(Records for this exercise)

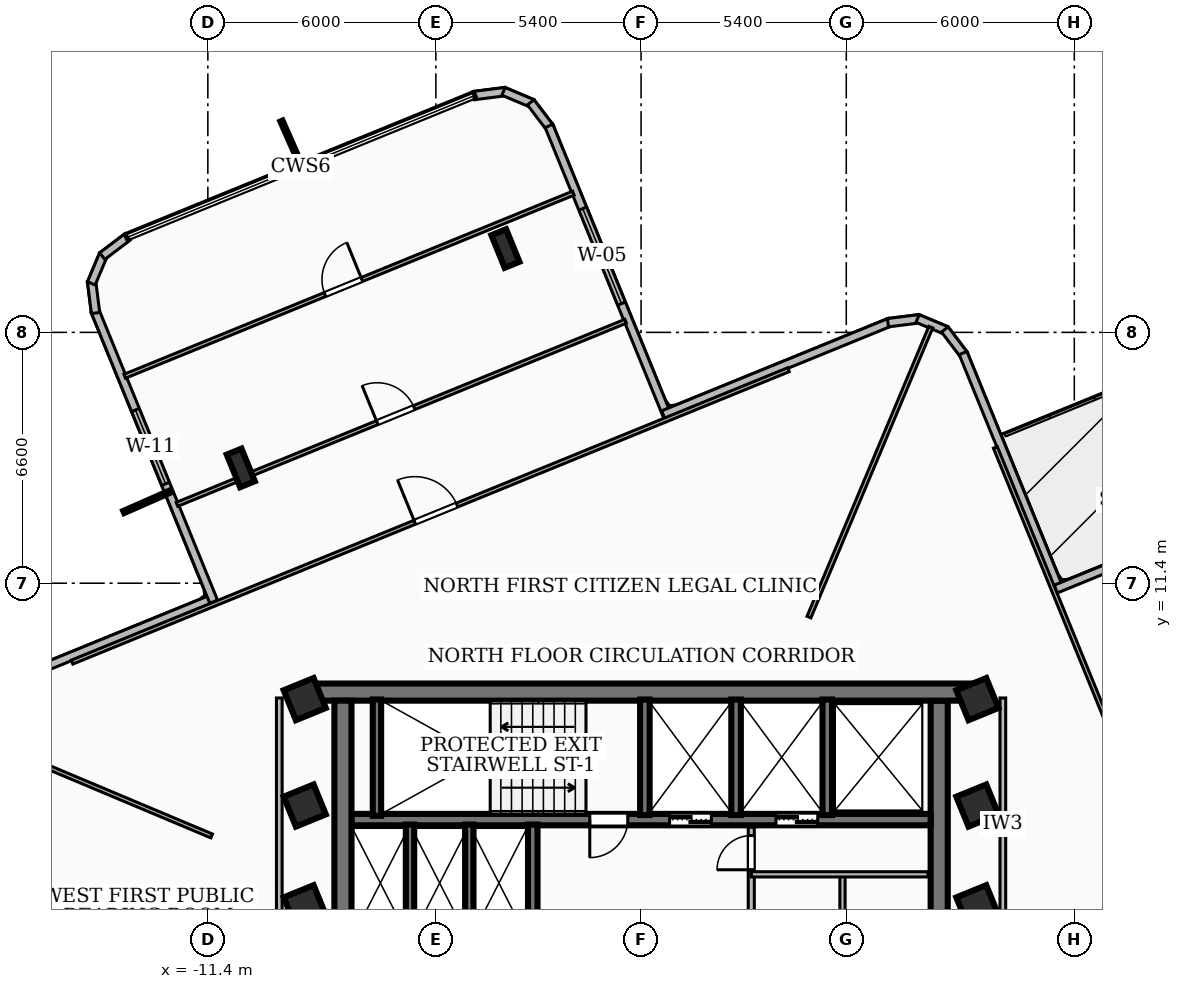
"""IFC4 building model, lengths in metres.
Left out: names, types, materials, properties, quantities, classifications, styles, units other than length and angle.
Written with IfcOpenShell. Run it as: python <this file> out.ifc"""

import sys

from ifc_helpers import new_model, si_unit, direction, frame, frame_2d, origin, origin_2d, place, context, subcontext, project, spatial, rectangle, i_section, extrude, element, fill, save


model = new_model("IFC4")
c1 = context("Model", 3, precision=1e-05, world=origin(), true_north=direction((0.0, 1.0)))
c2 = subcontext(c1, "Body", "Model", "MODEL_VIEW")
j1 = project(units=[si_unit("LENGTHUNIT", "METRE"), si_unit("PLANEANGLEUNIT", "RADIAN")], contexts=[c1])
p1 = place(None, origin())
s1 = spatial("IfcSite", under=j1, at=p1, CompositionType="ELEMENT")
p2 = place(p1, origin())
s2 = spatial("IfcBuilding", under=s1, at=p2, CompositionType="ELEMENT")
p3 = place(p2, frame((0.0, 0.0, 177.48)))
s3 = spatial("IfcBuildingStorey", under=s2, at=p3, CompositionType="ELEMENT", Elevation=177.48)
p4 = place(p3, frame((-8.78, 8.535, 0.0), z_axis=(0.0, 0.0, 1.0), x_axis=(1.0, 0.0, 0.0)))
e1 = element("IfcWall", 1, at=p4, inside=s3, PredefinedType="SHEAR", context=c2, shape_type="SweptSolid", body=[
    extrude(rectangle(XDim=17.56, YDim=0.45, at=frame_2d((8.78, 0.0))), origin(), (0.0, 0.0, 1.0), 3.34),
])
for number, where, z_axis, x_axis in (
    (2, (-7.845, 1.975, 0.0), (0.0, 0.0, 1.0), (0.0, 1.0, 0.0)),
    (3, (7.845, 8.31, 0.0), (0.0, 0.0, 1.0), (0.0, -1.0, 0.0)),
):
    element("IfcWall", number, at=place(p3, frame(where, z_axis=z_axis, x_axis=x_axis)), inside=s3, PredefinedType="SHEAR", context=c2, shape_type="SweptSolid", body=[
        extrude(rectangle(XDim=6.335, YDim=0.45, at=frame_2d((3.167, 0.0))), origin(), (0.0, 0.0, 1.0), 3.34),
    ])
p5 = place(p3, frame((7.62, 5.18, 0.0), z_axis=(0.0, 0.0, 1.0), x_axis=(-1.0, 0.0, 0.0)))
e4 = element("IfcWall", 4, at=p5, inside=s3, PredefinedType="SOLIDWALL", context=c2, shape_type="SweptSolid", body=[
    extrude(rectangle(XDim=15.24, YDim=0.3, at=frame_2d((7.62, 0.0))), origin(), (0.0, 0.0, 1.0), 3.34),
])
p6 = place(p5, frame((5.77, 0.0, 0.0)))
e5 = element("IfcOpeningElement", 5, at=p6, cuts=e4, PredefinedType="OPENING", context=c2, shape_type="SweptSolid", body=[
    extrude(rectangle(XDim=1.1, YDim=2.15, at=frame_2d((0.55, 1.075))), frame((0.0, 0.16, 0.0), z_axis=(0.0, -1.0, 0.0), x_axis=(1.0, 0.0, 0.0)), (0.0, 0.0, 1.0), 0.32),
])
p7 = place(p5, frame((2.97, 0.0, 0.0)))
e6 = element("IfcOpeningElement", 6, at=p7, cuts=e4, PredefinedType="OPENING", context=c2, shape_type="SweptSolid", body=[
    extrude(rectangle(XDim=1.1, YDim=2.15, at=frame_2d((0.55, 1.075))), frame((0.0, 0.16, 0.0), z_axis=(0.0, -1.0, 0.0), x_axis=(1.0, 0.0, 0.0)), (0.0, 0.0, 1.0), 0.32),
])
p8 = place(p5, frame((7.97, 0.0, 0.0)))
e7 = element("IfcOpeningElement", 7, at=p8, cuts=e4, PredefinedType="OPENING", context=c2, shape_type="SweptSolid", body=[
    extrude(rectangle(XDim=1.0, YDim=2.1, at=frame_2d((0.5, 1.05))), frame((0.0, 0.16, 0.0), z_axis=(0.0, -1.0, 0.0), x_axis=(1.0, 0.0, 0.0)), (0.0, 0.0, 1.0), 0.32),
])
p9 = place(p3, frame((-6.95, 5.28, 0.0), z_axis=(0.0, 0.0, 1.0), x_axis=(0.0, 1.0, 0.0)))
e8 = element("IfcWall", 8, at=p9, inside=s3, PredefinedType="SOLIDWALL", context=c2, shape_type="SweptSolid", body=[
    extrude(rectangle(XDim=3.06, YDim=0.22, at=frame_2d((1.53, 0.0))), origin(), (0.0, 0.0, 1.0), 3.34),
])
for number, where, z_axis, x_axis in (
    (9, (0.1, 5.3, 0.0), (0.0, 0.0, 1.0), (0.0, 1.0, 0.0)),
    (10, (2.5, 5.3, 0.0), (0.0, 0.0, 1.0), (0.0, 1.0, 0.0)),
    (11, (4.9, 5.3, 0.0), (0.0, 0.0, 1.0), (0.0, 1.0, 0.0)),
):
    element("IfcWall", number, at=place(p3, frame(where, z_axis=z_axis, x_axis=x_axis)), inside=s3, PredefinedType="SOLIDWALL", context=c2, shape_type="SweptSolid", body=[
        extrude(rectangle(XDim=3.04, YDim=0.25, at=frame_2d((1.52, 0.0))), origin(), (0.0, 0.0, 1.0), 3.34),
    ])
p10 = place(p3, frame((-2.85, 1.98, 0.0), z_axis=(0.0, 0.0, 1.0), x_axis=(0.0, 1.0, 0.0)))
e12 = element("IfcWall", 12, at=p10, inside=s3, PredefinedType="SOLIDWALL", context=c2, shape_type="SweptSolid", body=[
    extrude(rectangle(XDim=3.07, YDim=0.25, at=frame_2d((1.535, 0.0))), origin(), (0.0, 0.0, 1.0), 3.34),
])
for number, where, z_axis, x_axis in (
    (13, (-6.08, 1.98, 0.0), (0.0, 0.0, 1.0), (0.0, 1.0, 0.0)),
    (14, (-4.52, 1.98, 0.0), (0.0, 0.0, 1.0), (0.0, 1.0, 0.0)),
):
    element("IfcWall", number, at=place(p3, frame(where, z_axis=z_axis, x_axis=x_axis)), inside=s3, PredefinedType="SOLIDWALL", context=c2, shape_type="SweptSolid", body=[
        extrude(rectangle(XDim=3.07, YDim=0.22, at=frame_2d((1.535, 0.0))), origin(), (0.0, 0.0, 1.0), 3.34),
    ])
for number, where, z_axis, x_axis in (
    (15, (-8.85, 2.9, 0.0), (0.0, 0.0, 1.0), (0.926, 0.378, 0.0)),
    (16, (-8.85, 5.55, 0.0), (0.0, 0.0, 1.0), (0.926, 0.378, 0.0)),
    (17, (8.85, 2.9, 0.0), (0.0, 0.0, 1.0), (0.926, 0.378, 0.0)),
    (18, (8.85, 5.55, 0.0), (0.0, 0.0, 1.0), (0.926, 0.378, 0.0)),
    (19, (-8.85, 8.35, 0.0), (0.0, 0.0, 1.0), (0.926, 0.378, 0.0)),
    (20, (8.85, 8.35, 0.0), (0.0, 0.0, 1.0), (0.926, 0.378, 0.0)),
):
    element("IfcColumn", number, at=place(p3, frame(where, z_axis=z_axis, x_axis=x_axis)), inside=s3, PredefinedType="COLUMN", context=c2, shape_type="SweptSolid", body=[
        extrude(rectangle(XDim=0.85, YDim=0.85, at=origin_2d()), origin(), (0.0, 0.0, 1.0), 3.6),
    ])
for number, where, z_axis, x_axis in (
    (21, (-3.57, 20.207, 0.0), (0.0, 0.0, 1.0), (0.926, 0.378, 0.0)),
    (22, (-10.533, 14.433, 0.0), (0.0, 0.0, 1.0), (0.926, 0.378, 0.0)),
):
    element("IfcColumn", number, at=place(p3, frame(where, z_axis=z_axis, x_axis=x_axis)), inside=s3, PredefinedType="COLUMN", context=c2, shape_type="SweptSolid", body=[
        extrude(i_section(OverallWidth=0.418, OverallDepth=0.927, WebThickness=0.019, FlangeThickness=0.032, at=origin_2d()), origin(), (0.0, 0.0, 1.0), 3.6),
    ])
p11 = place(p3, frame((-17.456, 8.473, 0.0), z_axis=(0.0, 0.0, 1.0), x_axis=(0.925916493636, 0.377728271133, 0.0)))
e23 = element("IfcWall", 23, at=p11, inside=s3, PredefinedType="SOLIDWALL", context=c2, shape_type="SweptSolid", body=[
    extrude(rectangle(XDim=6.759, YDim=0.22, at=frame_2d((3.379, 0.0))), origin(), (0.0, 0.0, 1.0), 3.34),
])
p12 = place(p3, frame((-11.246, 10.912, 0.0), z_axis=(0.0, 0.0, 1.0), x_axis=(-0.37779924707, 0.92588753578, 0.0)))
e24 = element("IfcWall", 24, at=p12, inside=s3, PredefinedType="SOLIDWALL", context=c2, shape_type="SweptSolid", body=[
    extrude(rectangle(XDim=8.258, YDim=0.22, at=frame_2d((4.129, 0.0))), origin(), (0.0, 0.0, 1.0), 3.34),
])
p13 = place(p12, frame((3.35, 0.0, 0.85)))
e25 = element("IfcOpeningElement", 25, at=p13, cuts=e24, PredefinedType="OPENING", context=c2, shape_type="SweptSolid", body=[
    extrude(rectangle(XDim=2.1, YDim=1.6, at=frame_2d((1.05, 0.8))), frame((0.0, 0.12, 0.0), z_axis=(0.0, -1.0, 0.0), x_axis=(1.0, 0.0, 0.0)), (0.0, 0.0, 1.0), 0.24),
])
p14 = place(p3, frame((-14.354, 18.51, 0.0), z_axis=(0.0, 0.0, 1.0), x_axis=(-0.125798873345, 0.992055766308, 0.0)))
e26 = element("IfcWall", 26, at=p14, inside=s3, PredefinedType="SOLIDWALL", context=c2, shape_type="SweptSolid", body=[
    extrude(rectangle(XDim=0.834, YDim=0.22, at=frame_2d((0.417, 0.0))), origin(), (0.0, 0.0, 1.0), 3.34),
])
p15 = place(p3, frame((-14.466, 19.29, 0.0), z_axis=(0.0, 0.0, 1.0), x_axis=(0.388336782412, 0.92151752204, 0.0)))
e27 = element("IfcWall", 27, at=p15, inside=s3, PredefinedType="SOLIDWALL", context=c2, shape_type="SweptSolid", body=[
    extrude(rectangle(XDim=0.819, YDim=0.22, at=frame_2d((0.41, 0.0))), origin(), (0.0, 0.0, 1.0), 3.34),
])
for number, where, z_axis, x_axis in (
    (28, (-14.178, 20.007, 0.0), (0.0, 0.0, 1.0), (0.797, 0.604, 0.0)),
    (29, (-4.4, 24.23, 0.0), (0.0, 0.0, 1.0), (0.992, 0.126, 0.0)),
):
    element("IfcWall", number, at=place(p3, frame(where, z_axis=z_axis, x_axis=x_axis)), inside=s3, PredefinedType="SOLIDWALL", context=c2, shape_type="SweptSolid", body=[
        extrude(rectangle(XDim=0.834, YDim=0.22, at=frame_2d((0.417, 0.0))), origin(), (0.0, 0.0, 1.0), 3.34),
    ])
p16 = place(p3, frame((-3.62, 24.342, 0.0), z_axis=(0.0, 0.0, 1.0), x_axis=(0.921135688986, -0.389241624799, 0.0)))
e30 = element("IfcWall", 30, at=p16, inside=s3, PredefinedType="SOLIDWALL", context=c2, shape_type="SweptSolid", body=[
    extrude(rectangle(XDim=0.82, YDim=0.22, at=frame_2d((0.41, 0.0))), origin(), (0.0, 0.0, 1.0), 3.34),
])
p17 = place(p3, frame((-2.903, 24.053, 0.0), z_axis=(0.0, 0.0, 1.0), x_axis=(0.604674842585, -0.79647243188, 0.0)))
e31 = element("IfcWall", 31, at=p17, inside=s3, PredefinedType="SOLIDWALL", context=c2, shape_type="SweptSolid", body=[
    extrude(rectangle(XDim=0.834, YDim=0.22, at=frame_2d((0.417, 0.0))), origin(), (0.0, 0.0, 1.0), 3.34),
])
p18 = place(p3, frame((-2.423, 23.432, 0.0), z_axis=(0.0, 0.0, 1.0), x_axis=(0.377824590968, -0.925877194049, 0.0)))
e32 = element("IfcWall", 32, at=p18, inside=s3, PredefinedType="SOLIDWALL", context=c2, shape_type="SweptSolid", body=[
    extrude(rectangle(XDim=8.258, YDim=0.22, at=frame_2d((4.129, 0.0))), origin(), (0.0, 0.0, 1.0), 3.34),
])
p19 = place(p18, frame((2.35, 0.0, 0.85)))
e33 = element("IfcOpeningElement", 33, at=p19, cuts=e32, PredefinedType="OPENING", context=c2, shape_type="SweptSolid", body=[
    extrude(rectangle(XDim=2.7, YDim=1.85, at=frame_2d((1.35, 0.925))), frame((0.0, 0.12, 0.0), z_axis=(0.0, -1.0, 0.0), x_axis=(1.0, 0.0, 0.0)), (0.0, 0.0, 1.0), 0.24),
])
p20 = place(p3, frame((0.583, 15.834, 0.0), z_axis=(0.0, 0.0, 1.0), x_axis=(0.925896916469, 0.377776256629, 0.0)))
e34 = element("IfcWall", 34, at=p20, inside=s3, PredefinedType="SOLIDWALL", context=c2, shape_type="SweptSolid", body=[
    extrude(rectangle(XDim=6.438, YDim=0.22, at=frame_2d((3.219, 0.0))), origin(), (0.0, 0.0, 1.0), 3.34),
])
p21 = place(p3, frame((6.496, 18.254, 0.0), z_axis=(0.0, 0.0, 1.0), x_axis=(0.992201162123, 0.124646916858, 0.0)))
e35 = element("IfcWall", 35, at=p21, inside=s3, PredefinedType="SOLIDWALL", context=c2, shape_type="SweptSolid", body=[
    extrude(rectangle(XDim=0.834, YDim=0.22, at=frame_2d((0.417, 0.0))), origin(), (0.0, 0.0, 1.0), 3.34),
])
p22 = place(p3, frame((7.276, 18.365, 0.0), z_axis=(0.0, 0.0, 1.0), x_axis=(0.9216690265, -0.387977068381, 0.0)))
e36 = element("IfcWall", 36, at=p22, inside=s3, PredefinedType="SOLIDWALL", context=c2, shape_type="SweptSolid", body=[
    extrude(rectangle(XDim=0.819, YDim=0.22, at=frame_2d((0.41, 0.0))), origin(), (0.0, 0.0, 1.0), 3.34),
])
p23 = place(p3, frame((7.993, 18.077, 0.0), z_axis=(0.0, 0.0, 1.0), x_axis=(0.604815890473, -0.796365329878, 0.0)))
e37 = element("IfcWall", 37, at=p23, inside=s3, PredefinedType="SOLIDWALL", context=c2, shape_type="SweptSolid", body=[
    extrude(rectangle(XDim=0.833, YDim=0.22, at=frame_2d((0.417, 0.0))), origin(), (0.0, 0.0, 1.0), 3.34),
])
p24 = place(p3, frame((8.473, 17.456, 0.0), z_axis=(0.0, 0.0, 1.0), x_axis=(0.377728271133, -0.925916493636, 0.0)))
e38 = element("IfcWall", 38, at=p24, inside=s3, PredefinedType="SOLIDWALL", context=c2, shape_type="SweptSolid", body=[
    extrude(rectangle(XDim=6.759, YDim=0.22, at=frame_2d((3.379, 0.0))), origin(), (0.0, 0.0, 1.0), 3.34),
])
p25 = place(p3, frame((10.912, 11.246, 0.0), z_axis=(0.0, 0.0, 1.0), x_axis=(0.925863027914, 0.377859303897, 0.0)))
e39 = element("IfcWall", 39, at=p25, inside=s3, PredefinedType="SOLIDWALL", context=c2, shape_type="SweptSolid", body=[
    extrude(rectangle(XDim=9.858, YDim=0.22, at=frame_2d((4.929, 0.0))), origin(), (0.0, 0.0, 1.0), 3.34),
])
p26 = place(p25, frame((4.4, 0.0, 0.0)))
e40 = element("IfcOpeningElement", 40, at=p26, cuts=e39, PredefinedType="OPENING", context=c2, shape_type="SweptSolid", body=[
    extrude(rectangle(XDim=1.1, YDim=2.1, at=frame_2d((0.55, 1.05))), frame((0.0, 0.12, 0.0), z_axis=(0.0, -1.0, 0.0), x_axis=(1.0, 0.0, 0.0)), (0.0, 0.0, 1.0), 0.24),
])
p27 = place(p3, frame((2.9, 2.04, 0.0), z_axis=(0.0, 0.0, 1.0), x_axis=(0.0, 1.0, 0.0)))
e41 = element("IfcWall", 41, at=p27, inside=s3, PredefinedType="PARTITIONING", context=c2, shape_type="SweptSolid", body=[
    extrude(rectangle(XDim=2.94, YDim=0.16, at=frame_2d((1.47, 0.0))), origin(), (0.0, 0.0, 1.0), 2.57),
])
p28 = place(p27, frame((1.82, 0.0, 0.0)))
e42 = element("IfcOpeningElement", 42, at=p28, cuts=e41, PredefinedType="OPENING", context=c2, shape_type="SweptSolid", body=[
    extrude(rectangle(XDim=0.9, YDim=2.06, at=frame_2d((0.45, 1.03))), frame((0.0, 0.09, 0.0), z_axis=(0.0, -1.0, 0.0), x_axis=(1.0, 0.0, 0.0)), (0.0, 0.0, 1.0), 0.18),
])
p29 = place(p3, frame((2.9, 3.74, 0.0), z_axis=(0.0, 0.0, 1.0), x_axis=(1.0, 0.0, 0.0)))
e43 = element("IfcWall", 43, at=p29, inside=s3, PredefinedType="PARTITIONING", context=c2, shape_type="SweptSolid", body=[
    extrude(rectangle(XDim=4.65, YDim=0.138, at=frame_2d((2.325, 0.0))), origin(), (0.0, 0.0, 1.0), 3.34),
])
p30 = place(p3, frame((5.3, 1.85, 0.0), z_axis=(0.0, 0.0, 1.0), x_axis=(0.0, 1.0, 0.0)))
e44 = element("IfcWall", 44, at=p30, inside=s3, PredefinedType="PARTITIONING", context=c2, shape_type="SweptSolid", body=[
    extrude(rectangle(XDim=1.89, YDim=0.138, at=frame_2d((0.945, 0.0))), origin(), (0.0, 0.0, 1.0), 2.57),
])
p31 = place(p3, frame((-9.52, 1.75, 0.0), z_axis=(0.0, 0.0, 1.0), x_axis=(0.0, 1.0, 0.0)))
e45 = element("IfcWall", 45, at=p31, inside=s3, PredefinedType="PARTITIONING", context=c2, shape_type="SweptSolid", body=[
    extrude(rectangle(XDim=6.63, YDim=0.15, at=frame_2d((3.315, 0.0))), origin(), (0.0, 0.0, 1.0), 3.34),
])
p32 = place(p3, frame((9.52, 1.75, 0.0), z_axis=(0.0, 0.0, 1.0), x_axis=(0.0, 1.0, 0.0)))
e46 = element("IfcWall", 46, at=p32, inside=s3, PredefinedType="PARTITIONING", context=c2, shape_type="SweptSolid", body=[
    extrude(rectangle(XDim=6.63, YDim=0.15, at=frame_2d((3.315, 0.0))), origin(), (0.0, 0.0, 1.0), 2.644),
])
p33 = place(p3, frame((4.418, 10.509, 0.0), z_axis=(0.0, 0.0, 1.0), x_axis=(0.387471247296, 0.921881788799, 0.0)))
e47 = element("IfcWall", 47, at=p33, inside=s3, PredefinedType="PARTITIONING", context=c2, shape_type="SweptSolid", body=[
    extrude(rectangle(XDim=8.274, YDim=0.11, at=frame_2d((4.137, 0.0))), origin(), (0.0, 0.0, 1.0), 3.34),
])
p34 = place(p3, frame((-11.3, 4.75, 0.0), z_axis=(0.0, 0.0, 1.0), x_axis=(-0.92186077199, 0.387521247245, 0.0)))
e48 = element("IfcWall", 48, at=p34, inside=s3, PredefinedType="PARTITIONING", context=c2, shape_type="SweptSolid", body=[
    extrude(rectangle(XDim=7.417, YDim=0.11, at=frame_2d((3.708, 0.0))), origin(), (0.0, 0.0, 1.0), 3.34),
])
p35 = place(p3, frame((9.323, 14.973, 0.0), z_axis=(0.0, 0.0, 1.0), x_axis=(0.377891753295, -0.92584978414, 0.0)))
e49 = element("IfcWall", 49, at=p35, inside=s3, PredefinedType="PARTITIONING", context=c2, shape_type="SweptSolid", body=[
    extrude(rectangle(XDim=20.361, YDim=0.11, at=frame_2d((10.18, 0.0))), origin(), (0.0, 0.0, 1.0), 2.644),
])
p36 = place(p35, frame((9.741, 0.0, 0.0)))
e50 = element("IfcOpeningElement", 50, at=p36, cuts=e49, PredefinedType="OPENING", context=c2, shape_type="SweptSolid", body=[
    extrude(rectangle(XDim=1.2, YDim=2.1, at=frame_2d((0.6, 1.05))), frame((0.0, 0.065, 0.0), z_axis=(0.0, -1.0, 0.0), x_axis=(1.0, 0.0, 0.0)), (0.0, 0.0, 1.0), 0.13),
])
p37 = place(p3, frame((-14.973, 9.323, 0.0), z_axis=(0.0, 0.0, 1.0), x_axis=(0.92584978414, 0.377891753295, 0.0)))
e51 = element("IfcWall", 51, at=p37, inside=s3, PredefinedType="PARTITIONING", context=c2, shape_type="SweptSolid", body=[
    extrude(rectangle(XDim=20.361, YDim=0.11, at=frame_2d((10.18, 0.0))), origin(), (0.0, 0.0, 1.0), 2.644),
])
p38 = place(p37, frame((9.741, 0.0, 0.0)))
e52 = element("IfcOpeningElement", 52, at=p38, cuts=e51, PredefinedType="OPENING", context=c2, shape_type="SweptSolid", body=[
    extrude(rectangle(XDim=1.2, YDim=2.1, at=frame_2d((0.6, 1.05))), frame((0.0, 0.065, 0.0), z_axis=(0.0, -1.0, 0.0), x_axis=(1.0, 0.0, 0.0)), (0.0, 0.0, 1.0), 0.13),
])
p39 = place(p3, frame((-12.212, 13.475, 0.0), z_axis=(0.0, 0.0, 1.0), x_axis=(0.925887289182, 0.377799851417, 0.0)))
e53 = element("IfcWall", 53, at=p39, inside=s3, PredefinedType="PARTITIONING", context=c2, shape_type="SweptSolid", body=[
    extrude(rectangle(XDim=12.75, YDim=0.11, at=frame_2d((6.375, 0.0))), origin(), (0.0, 0.0, 1.0), 2.644),
])
p40 = place(p39, frame((5.69, 0.0, 0.0)))
e54 = element("IfcOpeningElement", 54, at=p40, cuts=e53, PredefinedType="OPENING", context=c2, shape_type="SweptSolid", body=[
    extrude(rectangle(XDim=1.05, YDim=2.08, at=frame_2d((0.525, 1.04))), frame((0.0, 0.065, 0.0), z_axis=(0.0, -1.0, 0.0), x_axis=(1.0, 0.0, 0.0)), (0.0, 0.0, 1.0), 0.13),
])
p41 = place(p3, frame((-13.587, 16.845, 0.0), z_axis=(0.0, 0.0, 1.0), x_axis=(0.925853796027, 0.377881923864, 0.0)))
e55 = element("IfcWall", 55, at=p41, inside=s3, PredefinedType="PARTITIONING", context=c2, shape_type="SweptSolid", body=[
    extrude(rectangle(XDim=12.75, YDim=0.11, at=frame_2d((6.375, 0.0))), origin(), (0.0, 0.0, 1.0), 3.34),
])
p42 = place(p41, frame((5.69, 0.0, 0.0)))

(Your goal)
Pull out every line above that holds the word "spatial".

(Task answer)
from ifc_helpers import new_model, si_unit, direction, frame, frame_2d, origin, origin_2d, place, context, subcontext, project, spatial, rectangle, i_section, extrude, element, fill, save
s1 = spatial("IfcSite", under=j1, at=p1, CompositionType="ELEMENT")
s2 = spatial("IfcBuilding", under=s1, at=p2, CompositionType="ELEMENT")
s3 = spatial("IfcBuildingStorey", under=s2, at=p3, CompositionType="ELEMENT", Elevation=177.48)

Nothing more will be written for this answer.